TASK TO CARRY OUT: Look through the listing and locate every line containing the word "units"; copy those lines.
★ ★ ★ ★ ★ ★ ★
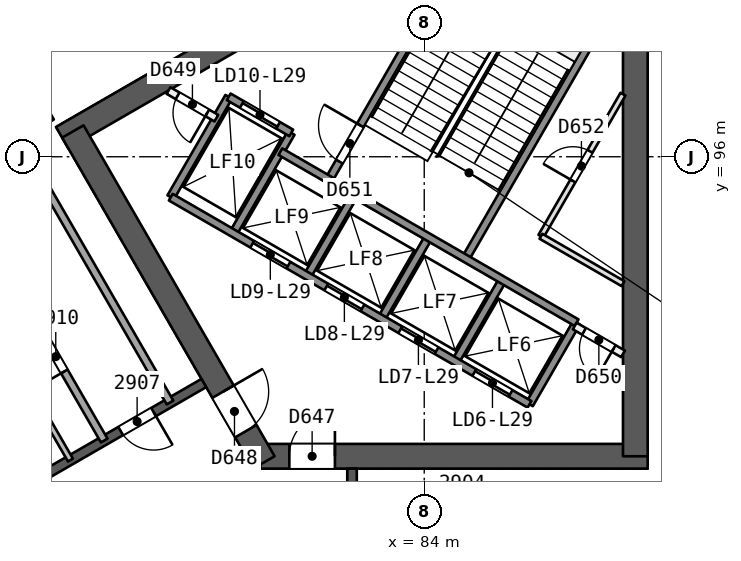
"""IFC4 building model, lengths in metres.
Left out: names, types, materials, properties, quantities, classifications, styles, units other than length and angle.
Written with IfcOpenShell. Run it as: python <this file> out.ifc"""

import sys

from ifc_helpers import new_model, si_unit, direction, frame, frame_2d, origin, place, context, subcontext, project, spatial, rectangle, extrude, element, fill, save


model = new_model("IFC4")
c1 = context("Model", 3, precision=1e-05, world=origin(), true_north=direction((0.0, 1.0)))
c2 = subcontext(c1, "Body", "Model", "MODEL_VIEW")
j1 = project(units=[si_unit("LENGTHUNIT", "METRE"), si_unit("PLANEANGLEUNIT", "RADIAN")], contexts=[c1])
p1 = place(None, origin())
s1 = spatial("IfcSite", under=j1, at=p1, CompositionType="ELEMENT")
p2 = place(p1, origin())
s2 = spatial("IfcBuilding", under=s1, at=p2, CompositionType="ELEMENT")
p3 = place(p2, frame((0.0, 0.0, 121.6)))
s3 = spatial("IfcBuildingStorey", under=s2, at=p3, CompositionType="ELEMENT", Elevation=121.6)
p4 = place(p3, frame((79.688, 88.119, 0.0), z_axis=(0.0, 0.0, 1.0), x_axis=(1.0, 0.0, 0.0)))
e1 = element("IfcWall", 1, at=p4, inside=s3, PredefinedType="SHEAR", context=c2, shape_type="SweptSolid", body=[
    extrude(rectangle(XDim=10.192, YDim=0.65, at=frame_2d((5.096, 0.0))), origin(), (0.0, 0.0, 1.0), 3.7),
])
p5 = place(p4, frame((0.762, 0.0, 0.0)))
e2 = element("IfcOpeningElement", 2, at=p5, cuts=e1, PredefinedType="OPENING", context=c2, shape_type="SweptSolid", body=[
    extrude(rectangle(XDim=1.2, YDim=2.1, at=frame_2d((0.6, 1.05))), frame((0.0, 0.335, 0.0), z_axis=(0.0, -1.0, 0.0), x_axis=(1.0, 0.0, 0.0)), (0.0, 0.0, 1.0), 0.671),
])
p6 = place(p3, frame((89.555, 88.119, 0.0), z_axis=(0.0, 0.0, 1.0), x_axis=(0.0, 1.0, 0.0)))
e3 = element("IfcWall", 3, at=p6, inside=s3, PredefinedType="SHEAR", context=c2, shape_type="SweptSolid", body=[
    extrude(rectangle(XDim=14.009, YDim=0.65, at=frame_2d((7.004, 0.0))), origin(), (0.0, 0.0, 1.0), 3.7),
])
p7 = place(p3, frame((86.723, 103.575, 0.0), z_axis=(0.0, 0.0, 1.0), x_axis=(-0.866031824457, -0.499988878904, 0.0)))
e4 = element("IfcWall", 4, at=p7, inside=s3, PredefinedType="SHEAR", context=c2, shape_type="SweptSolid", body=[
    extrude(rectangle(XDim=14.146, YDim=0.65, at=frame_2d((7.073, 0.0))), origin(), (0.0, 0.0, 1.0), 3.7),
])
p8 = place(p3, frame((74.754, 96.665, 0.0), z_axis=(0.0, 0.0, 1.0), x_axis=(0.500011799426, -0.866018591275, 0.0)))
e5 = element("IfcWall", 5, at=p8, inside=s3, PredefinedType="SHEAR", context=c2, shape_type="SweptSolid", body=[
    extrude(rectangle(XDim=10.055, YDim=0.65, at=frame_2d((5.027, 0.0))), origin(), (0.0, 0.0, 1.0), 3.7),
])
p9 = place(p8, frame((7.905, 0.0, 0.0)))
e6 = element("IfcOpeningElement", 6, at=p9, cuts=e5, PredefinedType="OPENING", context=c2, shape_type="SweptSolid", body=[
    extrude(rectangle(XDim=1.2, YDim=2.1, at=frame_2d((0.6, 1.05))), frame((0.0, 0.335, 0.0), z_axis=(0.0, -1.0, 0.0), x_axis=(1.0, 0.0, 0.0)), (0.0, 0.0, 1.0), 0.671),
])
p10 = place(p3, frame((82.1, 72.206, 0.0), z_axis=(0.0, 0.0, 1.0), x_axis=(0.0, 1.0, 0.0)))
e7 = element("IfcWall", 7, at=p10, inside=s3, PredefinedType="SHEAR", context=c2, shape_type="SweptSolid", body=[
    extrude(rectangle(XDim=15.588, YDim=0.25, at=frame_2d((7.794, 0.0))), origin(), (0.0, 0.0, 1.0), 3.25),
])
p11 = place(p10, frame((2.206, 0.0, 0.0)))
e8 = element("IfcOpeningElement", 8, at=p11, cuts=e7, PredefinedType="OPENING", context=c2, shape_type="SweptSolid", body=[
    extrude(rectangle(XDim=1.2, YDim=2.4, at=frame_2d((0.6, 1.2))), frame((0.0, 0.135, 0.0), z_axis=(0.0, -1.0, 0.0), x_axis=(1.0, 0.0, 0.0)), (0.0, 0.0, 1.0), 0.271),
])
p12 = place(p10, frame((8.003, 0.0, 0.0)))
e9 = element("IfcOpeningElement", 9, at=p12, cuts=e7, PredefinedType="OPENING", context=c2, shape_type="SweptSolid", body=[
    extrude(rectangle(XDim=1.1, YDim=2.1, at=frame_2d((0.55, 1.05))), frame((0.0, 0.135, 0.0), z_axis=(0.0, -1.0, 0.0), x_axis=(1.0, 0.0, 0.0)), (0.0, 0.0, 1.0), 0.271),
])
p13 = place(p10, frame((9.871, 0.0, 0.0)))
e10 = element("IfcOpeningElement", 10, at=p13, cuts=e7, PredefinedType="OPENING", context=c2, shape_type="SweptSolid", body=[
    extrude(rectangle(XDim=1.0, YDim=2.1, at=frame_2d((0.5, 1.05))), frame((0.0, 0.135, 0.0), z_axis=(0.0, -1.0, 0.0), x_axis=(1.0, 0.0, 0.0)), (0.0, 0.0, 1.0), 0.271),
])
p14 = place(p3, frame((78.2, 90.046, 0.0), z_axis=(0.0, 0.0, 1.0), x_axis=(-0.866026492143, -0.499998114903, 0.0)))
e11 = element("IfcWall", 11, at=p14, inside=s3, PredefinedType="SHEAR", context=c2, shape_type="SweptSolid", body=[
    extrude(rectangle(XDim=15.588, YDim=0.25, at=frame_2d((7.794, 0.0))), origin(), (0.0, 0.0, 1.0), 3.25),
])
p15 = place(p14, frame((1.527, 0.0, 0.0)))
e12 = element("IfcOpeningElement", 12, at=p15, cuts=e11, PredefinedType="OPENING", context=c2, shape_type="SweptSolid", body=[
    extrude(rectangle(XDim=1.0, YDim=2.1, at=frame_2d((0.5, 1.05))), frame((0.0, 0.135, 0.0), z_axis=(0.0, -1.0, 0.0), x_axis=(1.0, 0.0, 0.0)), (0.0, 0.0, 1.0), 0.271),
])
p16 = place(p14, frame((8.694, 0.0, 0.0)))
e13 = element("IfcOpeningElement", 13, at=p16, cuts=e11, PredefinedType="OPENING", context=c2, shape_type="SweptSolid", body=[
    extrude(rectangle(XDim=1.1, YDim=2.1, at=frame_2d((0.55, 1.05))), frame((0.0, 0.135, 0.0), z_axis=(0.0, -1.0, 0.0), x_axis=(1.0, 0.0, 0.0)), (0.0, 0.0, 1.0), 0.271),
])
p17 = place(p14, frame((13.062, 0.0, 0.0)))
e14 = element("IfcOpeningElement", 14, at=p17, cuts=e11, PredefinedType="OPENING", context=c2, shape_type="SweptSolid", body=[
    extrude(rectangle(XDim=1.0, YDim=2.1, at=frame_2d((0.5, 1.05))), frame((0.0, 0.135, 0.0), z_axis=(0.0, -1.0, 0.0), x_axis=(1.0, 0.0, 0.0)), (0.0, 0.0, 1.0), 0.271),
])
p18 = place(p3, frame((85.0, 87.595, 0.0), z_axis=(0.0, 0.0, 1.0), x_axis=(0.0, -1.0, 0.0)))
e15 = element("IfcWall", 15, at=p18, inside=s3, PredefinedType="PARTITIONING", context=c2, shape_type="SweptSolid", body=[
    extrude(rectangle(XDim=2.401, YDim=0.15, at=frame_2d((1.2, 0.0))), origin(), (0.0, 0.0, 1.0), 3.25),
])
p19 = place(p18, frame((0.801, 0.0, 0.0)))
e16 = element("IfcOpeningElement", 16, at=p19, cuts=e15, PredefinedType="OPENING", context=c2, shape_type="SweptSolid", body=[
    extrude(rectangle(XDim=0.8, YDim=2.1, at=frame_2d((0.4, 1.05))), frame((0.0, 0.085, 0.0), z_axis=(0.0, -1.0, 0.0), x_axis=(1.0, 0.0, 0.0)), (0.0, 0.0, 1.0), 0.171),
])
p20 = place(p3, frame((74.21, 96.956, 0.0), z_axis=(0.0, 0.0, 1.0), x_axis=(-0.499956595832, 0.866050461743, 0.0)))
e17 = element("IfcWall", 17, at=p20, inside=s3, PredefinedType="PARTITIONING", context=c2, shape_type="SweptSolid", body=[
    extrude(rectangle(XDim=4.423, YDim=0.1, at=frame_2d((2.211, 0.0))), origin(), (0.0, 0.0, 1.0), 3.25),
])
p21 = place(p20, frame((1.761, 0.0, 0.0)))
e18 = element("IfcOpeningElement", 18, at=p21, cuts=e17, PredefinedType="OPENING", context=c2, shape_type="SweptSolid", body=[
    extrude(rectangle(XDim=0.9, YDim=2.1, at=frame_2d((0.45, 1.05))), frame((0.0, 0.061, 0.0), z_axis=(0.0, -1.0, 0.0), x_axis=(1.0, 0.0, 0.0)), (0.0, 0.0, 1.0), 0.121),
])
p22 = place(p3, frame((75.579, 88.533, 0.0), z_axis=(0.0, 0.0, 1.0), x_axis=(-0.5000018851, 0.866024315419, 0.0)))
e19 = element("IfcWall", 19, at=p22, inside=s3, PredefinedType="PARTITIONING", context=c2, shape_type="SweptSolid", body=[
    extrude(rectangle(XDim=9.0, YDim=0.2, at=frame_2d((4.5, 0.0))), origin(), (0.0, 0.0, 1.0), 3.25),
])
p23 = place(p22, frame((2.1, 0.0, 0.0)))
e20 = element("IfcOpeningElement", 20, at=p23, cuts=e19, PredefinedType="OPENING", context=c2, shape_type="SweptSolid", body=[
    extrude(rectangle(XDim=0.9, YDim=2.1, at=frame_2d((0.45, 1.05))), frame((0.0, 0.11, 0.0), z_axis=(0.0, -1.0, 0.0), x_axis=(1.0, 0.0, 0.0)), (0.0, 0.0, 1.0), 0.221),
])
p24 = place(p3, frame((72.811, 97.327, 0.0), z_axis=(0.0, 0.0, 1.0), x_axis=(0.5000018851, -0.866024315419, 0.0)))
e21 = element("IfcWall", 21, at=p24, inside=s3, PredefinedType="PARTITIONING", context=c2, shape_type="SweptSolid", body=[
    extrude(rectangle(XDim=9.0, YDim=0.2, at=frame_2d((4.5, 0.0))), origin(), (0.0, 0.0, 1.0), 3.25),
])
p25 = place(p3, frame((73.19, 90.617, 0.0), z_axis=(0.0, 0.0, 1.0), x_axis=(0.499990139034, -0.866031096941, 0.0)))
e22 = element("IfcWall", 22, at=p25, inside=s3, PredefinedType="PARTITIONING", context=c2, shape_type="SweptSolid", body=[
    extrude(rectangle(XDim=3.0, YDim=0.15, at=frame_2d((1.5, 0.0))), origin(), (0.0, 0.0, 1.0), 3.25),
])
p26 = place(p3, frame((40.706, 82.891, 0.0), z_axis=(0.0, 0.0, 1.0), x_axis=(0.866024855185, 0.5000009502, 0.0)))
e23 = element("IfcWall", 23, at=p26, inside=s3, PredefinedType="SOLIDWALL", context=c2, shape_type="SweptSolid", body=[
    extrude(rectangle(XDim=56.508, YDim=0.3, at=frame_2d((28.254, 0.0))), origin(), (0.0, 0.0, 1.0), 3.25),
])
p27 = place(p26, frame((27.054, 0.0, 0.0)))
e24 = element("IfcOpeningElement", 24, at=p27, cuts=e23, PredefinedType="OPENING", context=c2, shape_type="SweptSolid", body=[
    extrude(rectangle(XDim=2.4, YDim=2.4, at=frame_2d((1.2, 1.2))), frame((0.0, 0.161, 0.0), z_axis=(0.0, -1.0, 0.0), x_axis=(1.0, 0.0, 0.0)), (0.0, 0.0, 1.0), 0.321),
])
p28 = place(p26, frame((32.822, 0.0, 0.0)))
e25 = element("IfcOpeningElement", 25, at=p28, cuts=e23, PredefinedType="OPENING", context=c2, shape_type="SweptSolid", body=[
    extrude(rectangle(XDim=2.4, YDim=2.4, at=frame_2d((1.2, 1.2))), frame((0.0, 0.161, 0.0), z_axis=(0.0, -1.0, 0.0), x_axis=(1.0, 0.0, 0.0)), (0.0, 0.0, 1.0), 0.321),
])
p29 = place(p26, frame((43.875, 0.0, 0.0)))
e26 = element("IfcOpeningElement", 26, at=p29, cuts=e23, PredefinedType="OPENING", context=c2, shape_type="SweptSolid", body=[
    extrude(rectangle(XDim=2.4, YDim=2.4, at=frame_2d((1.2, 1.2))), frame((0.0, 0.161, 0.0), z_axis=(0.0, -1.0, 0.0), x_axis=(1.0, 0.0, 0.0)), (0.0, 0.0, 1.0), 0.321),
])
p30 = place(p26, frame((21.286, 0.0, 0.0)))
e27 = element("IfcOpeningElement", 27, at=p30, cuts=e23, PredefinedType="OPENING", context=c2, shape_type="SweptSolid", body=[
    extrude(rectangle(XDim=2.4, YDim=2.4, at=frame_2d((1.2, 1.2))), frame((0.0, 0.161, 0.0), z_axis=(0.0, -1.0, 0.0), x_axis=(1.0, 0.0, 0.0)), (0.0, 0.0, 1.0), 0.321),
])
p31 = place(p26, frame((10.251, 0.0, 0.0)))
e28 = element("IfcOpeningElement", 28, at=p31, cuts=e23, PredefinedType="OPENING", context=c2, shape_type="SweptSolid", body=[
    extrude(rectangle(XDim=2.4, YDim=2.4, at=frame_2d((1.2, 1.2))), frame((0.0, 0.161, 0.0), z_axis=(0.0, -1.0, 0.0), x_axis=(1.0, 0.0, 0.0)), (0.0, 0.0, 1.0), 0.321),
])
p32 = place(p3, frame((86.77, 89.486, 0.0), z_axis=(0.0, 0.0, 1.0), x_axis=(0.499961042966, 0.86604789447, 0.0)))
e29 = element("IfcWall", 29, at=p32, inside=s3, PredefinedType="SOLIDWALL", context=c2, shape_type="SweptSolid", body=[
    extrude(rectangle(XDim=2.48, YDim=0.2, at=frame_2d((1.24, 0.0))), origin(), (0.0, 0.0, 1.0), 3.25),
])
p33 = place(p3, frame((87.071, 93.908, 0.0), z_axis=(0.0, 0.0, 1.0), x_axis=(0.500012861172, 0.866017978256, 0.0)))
★ ★ ★ ★ ★ ★ ★
EXERCISE RESULT:
Left out: names, types, materials, properties, quantities, classifications, styles, units other than length and angle.
j1 = project(units=[si_unit("LENGTHUNIT", "METRE"), si_unit("PLANEANGLEUNIT", "RADIAN")], contexts=[c1])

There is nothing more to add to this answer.